EXERCISE: Pull out each line of the records holding the string "DOOR".

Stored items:
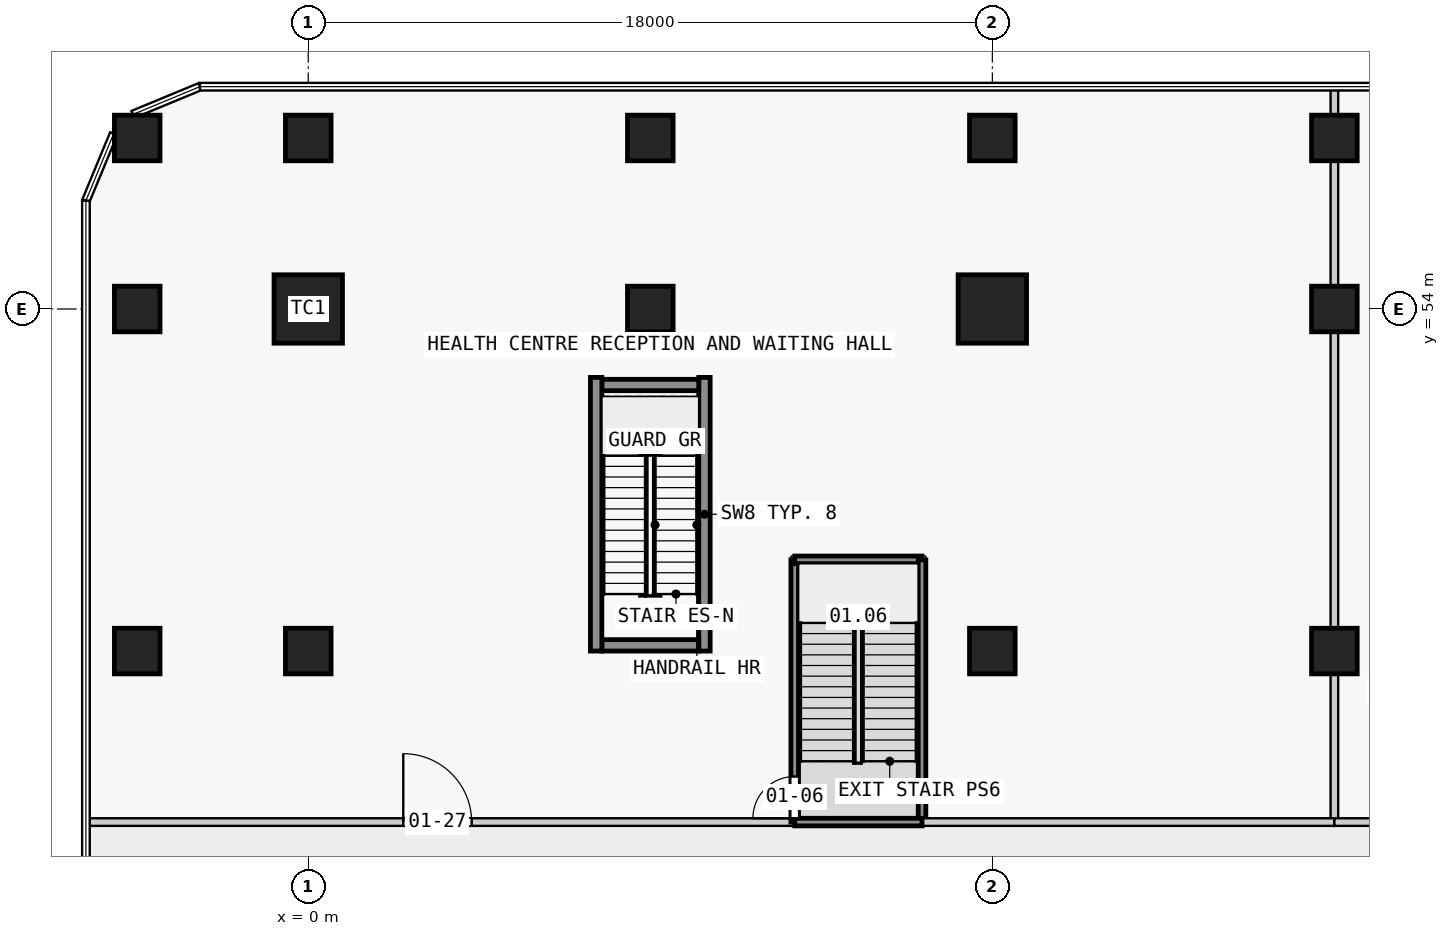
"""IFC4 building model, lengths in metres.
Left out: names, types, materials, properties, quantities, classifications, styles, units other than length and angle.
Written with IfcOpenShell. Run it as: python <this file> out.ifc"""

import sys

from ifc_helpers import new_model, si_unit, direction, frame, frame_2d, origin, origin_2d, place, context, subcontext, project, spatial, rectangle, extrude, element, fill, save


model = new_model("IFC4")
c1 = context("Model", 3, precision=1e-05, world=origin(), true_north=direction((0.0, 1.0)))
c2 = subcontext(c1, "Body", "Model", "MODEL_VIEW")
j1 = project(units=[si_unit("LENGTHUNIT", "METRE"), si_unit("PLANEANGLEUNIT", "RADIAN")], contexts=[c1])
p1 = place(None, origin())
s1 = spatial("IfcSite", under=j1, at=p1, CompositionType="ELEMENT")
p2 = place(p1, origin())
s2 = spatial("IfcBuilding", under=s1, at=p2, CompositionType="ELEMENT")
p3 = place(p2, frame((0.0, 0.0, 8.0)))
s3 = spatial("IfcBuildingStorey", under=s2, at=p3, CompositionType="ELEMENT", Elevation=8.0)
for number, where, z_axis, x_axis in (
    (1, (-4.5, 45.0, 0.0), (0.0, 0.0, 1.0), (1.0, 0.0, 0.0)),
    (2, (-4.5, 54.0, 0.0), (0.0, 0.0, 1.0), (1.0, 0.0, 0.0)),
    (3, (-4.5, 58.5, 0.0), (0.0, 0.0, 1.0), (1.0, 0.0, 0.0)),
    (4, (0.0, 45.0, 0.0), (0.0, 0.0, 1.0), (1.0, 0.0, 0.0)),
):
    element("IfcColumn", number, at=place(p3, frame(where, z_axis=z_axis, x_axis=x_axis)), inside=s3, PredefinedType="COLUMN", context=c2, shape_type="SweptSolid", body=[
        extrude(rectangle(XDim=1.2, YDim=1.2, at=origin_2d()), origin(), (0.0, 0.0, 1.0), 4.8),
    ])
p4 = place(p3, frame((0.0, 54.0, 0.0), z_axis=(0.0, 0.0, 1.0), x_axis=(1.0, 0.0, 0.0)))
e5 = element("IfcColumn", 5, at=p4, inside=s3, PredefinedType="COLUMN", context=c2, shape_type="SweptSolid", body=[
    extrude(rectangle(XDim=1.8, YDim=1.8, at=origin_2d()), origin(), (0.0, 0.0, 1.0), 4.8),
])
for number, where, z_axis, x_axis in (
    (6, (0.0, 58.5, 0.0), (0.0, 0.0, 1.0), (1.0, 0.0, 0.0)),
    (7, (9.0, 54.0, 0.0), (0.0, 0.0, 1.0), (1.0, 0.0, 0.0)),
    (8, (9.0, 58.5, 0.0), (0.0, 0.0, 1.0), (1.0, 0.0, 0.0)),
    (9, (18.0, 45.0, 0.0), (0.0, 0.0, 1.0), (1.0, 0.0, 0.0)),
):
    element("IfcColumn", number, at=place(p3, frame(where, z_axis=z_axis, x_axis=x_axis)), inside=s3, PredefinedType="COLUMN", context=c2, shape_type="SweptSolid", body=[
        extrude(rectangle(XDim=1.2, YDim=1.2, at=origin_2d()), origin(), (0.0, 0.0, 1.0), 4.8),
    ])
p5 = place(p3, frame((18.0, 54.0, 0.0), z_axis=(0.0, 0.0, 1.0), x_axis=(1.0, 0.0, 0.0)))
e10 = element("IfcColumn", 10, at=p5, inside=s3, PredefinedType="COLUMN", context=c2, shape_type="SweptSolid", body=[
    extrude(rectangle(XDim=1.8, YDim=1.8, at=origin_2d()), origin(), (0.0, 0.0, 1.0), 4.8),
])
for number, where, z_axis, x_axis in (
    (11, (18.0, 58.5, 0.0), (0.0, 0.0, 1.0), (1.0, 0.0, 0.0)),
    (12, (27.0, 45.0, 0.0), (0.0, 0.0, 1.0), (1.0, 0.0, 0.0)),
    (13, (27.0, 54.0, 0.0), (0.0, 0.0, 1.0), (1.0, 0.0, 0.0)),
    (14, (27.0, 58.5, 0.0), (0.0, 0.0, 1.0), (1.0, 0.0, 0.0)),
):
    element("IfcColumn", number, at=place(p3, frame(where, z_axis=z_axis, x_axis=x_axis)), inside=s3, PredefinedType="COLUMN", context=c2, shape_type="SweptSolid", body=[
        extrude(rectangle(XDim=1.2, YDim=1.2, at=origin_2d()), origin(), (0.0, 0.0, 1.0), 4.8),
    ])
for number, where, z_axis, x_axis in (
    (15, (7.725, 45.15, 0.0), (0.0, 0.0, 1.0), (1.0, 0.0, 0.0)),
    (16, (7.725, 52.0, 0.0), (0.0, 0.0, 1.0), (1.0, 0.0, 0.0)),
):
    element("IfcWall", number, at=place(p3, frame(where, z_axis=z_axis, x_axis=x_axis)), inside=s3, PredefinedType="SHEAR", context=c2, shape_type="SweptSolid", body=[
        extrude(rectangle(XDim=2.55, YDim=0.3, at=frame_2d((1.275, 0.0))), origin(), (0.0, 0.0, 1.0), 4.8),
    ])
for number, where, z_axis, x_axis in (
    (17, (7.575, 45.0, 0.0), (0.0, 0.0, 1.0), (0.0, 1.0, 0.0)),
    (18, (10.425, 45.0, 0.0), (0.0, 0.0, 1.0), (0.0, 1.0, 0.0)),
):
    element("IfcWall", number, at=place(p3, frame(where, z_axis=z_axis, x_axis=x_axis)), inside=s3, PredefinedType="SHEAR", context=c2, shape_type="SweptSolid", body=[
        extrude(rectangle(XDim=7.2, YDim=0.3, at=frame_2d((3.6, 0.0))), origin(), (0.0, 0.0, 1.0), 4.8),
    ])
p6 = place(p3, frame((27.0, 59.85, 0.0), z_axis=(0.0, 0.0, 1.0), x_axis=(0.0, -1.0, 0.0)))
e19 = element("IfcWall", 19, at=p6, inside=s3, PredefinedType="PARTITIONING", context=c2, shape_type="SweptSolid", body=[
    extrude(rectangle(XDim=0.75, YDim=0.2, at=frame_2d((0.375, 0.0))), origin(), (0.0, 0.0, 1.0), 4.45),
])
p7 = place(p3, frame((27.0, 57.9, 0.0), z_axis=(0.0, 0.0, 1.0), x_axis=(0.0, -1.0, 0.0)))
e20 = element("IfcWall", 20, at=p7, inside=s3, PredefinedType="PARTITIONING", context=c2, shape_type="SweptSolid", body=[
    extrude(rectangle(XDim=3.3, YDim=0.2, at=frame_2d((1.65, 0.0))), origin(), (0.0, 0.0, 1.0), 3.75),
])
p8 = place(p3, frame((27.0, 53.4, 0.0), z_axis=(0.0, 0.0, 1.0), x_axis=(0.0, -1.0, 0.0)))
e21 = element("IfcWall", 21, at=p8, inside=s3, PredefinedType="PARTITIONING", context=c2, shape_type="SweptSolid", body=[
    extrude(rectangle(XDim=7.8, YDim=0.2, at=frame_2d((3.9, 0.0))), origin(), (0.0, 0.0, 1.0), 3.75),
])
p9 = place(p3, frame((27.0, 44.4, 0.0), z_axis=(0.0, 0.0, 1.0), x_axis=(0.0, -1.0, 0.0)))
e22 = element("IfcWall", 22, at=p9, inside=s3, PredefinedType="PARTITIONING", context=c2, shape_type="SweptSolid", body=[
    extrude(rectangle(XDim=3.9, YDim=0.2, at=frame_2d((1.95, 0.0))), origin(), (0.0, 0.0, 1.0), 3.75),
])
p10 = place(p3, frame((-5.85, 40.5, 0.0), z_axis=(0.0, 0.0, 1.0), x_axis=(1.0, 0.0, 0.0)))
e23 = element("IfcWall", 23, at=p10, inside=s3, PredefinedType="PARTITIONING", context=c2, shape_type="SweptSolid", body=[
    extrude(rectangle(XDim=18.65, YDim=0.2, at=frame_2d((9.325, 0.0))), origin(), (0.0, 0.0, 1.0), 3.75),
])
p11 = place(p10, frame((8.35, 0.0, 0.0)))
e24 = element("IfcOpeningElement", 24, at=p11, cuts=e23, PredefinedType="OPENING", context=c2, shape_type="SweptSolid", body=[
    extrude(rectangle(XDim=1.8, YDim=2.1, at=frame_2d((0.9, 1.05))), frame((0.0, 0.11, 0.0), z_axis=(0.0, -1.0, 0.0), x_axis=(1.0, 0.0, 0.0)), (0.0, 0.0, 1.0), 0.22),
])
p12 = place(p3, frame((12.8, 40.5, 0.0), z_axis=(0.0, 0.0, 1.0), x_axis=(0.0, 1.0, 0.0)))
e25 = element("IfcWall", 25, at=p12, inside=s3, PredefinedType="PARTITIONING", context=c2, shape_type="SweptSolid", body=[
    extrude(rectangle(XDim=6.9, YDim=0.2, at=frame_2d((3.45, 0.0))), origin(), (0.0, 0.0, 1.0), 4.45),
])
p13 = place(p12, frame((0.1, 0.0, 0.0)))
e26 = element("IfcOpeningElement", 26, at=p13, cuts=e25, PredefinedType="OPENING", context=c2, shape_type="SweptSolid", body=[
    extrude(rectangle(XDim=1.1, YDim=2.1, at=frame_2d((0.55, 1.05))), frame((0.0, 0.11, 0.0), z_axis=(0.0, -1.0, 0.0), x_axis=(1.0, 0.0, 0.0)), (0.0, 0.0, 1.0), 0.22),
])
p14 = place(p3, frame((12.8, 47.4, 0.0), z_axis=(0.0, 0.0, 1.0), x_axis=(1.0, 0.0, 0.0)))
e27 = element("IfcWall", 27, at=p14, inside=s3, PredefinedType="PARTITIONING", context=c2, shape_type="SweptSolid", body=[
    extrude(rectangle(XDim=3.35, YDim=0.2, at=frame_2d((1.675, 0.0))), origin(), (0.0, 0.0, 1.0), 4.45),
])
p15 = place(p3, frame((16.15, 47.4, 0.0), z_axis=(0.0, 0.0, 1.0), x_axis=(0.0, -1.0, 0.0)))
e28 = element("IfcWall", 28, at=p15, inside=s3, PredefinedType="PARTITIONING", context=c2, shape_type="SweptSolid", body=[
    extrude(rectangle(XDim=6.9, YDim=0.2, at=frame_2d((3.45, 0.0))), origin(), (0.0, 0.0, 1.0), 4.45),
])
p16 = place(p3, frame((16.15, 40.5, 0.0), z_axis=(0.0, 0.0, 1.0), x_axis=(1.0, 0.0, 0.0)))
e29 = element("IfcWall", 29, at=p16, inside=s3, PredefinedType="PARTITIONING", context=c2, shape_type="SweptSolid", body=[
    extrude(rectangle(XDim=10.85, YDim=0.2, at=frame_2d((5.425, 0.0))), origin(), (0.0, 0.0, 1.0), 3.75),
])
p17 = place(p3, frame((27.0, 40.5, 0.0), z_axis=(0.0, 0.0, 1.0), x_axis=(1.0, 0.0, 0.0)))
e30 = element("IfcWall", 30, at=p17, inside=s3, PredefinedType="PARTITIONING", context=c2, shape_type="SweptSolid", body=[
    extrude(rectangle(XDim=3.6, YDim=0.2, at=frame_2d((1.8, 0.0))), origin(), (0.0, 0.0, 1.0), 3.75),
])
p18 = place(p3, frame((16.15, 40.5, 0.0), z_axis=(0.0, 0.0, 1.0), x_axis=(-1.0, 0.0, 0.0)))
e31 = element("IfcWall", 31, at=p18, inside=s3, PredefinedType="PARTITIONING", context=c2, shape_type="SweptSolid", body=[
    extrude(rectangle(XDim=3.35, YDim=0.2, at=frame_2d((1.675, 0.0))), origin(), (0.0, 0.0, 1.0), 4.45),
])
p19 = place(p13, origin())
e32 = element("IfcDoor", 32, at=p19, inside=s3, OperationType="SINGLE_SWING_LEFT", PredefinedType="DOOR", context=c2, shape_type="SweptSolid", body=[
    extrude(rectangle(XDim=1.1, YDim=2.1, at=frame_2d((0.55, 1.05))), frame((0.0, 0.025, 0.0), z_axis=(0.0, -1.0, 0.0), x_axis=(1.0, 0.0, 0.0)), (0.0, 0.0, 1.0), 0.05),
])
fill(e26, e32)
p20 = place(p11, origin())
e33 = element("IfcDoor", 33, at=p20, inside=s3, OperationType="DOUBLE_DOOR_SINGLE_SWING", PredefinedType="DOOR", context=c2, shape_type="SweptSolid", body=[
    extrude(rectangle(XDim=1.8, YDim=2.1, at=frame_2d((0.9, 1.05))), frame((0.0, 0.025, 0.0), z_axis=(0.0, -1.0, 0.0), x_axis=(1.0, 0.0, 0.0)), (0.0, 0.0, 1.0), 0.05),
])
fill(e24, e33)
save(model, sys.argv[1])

RESULT BELOW:
e32 = element("IfcDoor", 32, at=p19, inside=s3, OperationType="SINGLE_SWING_LEFT", PredefinedType="DOOR", context=c2, shape_type="SweptSolid", body=[
e33 = element("IfcDoor", 33, at=p20, inside=s3, OperationType="DOUBLE_DOOR_SINGLE_SWING", PredefinedType="DOOR", context=c2, shape_type="SweptSolid", body=[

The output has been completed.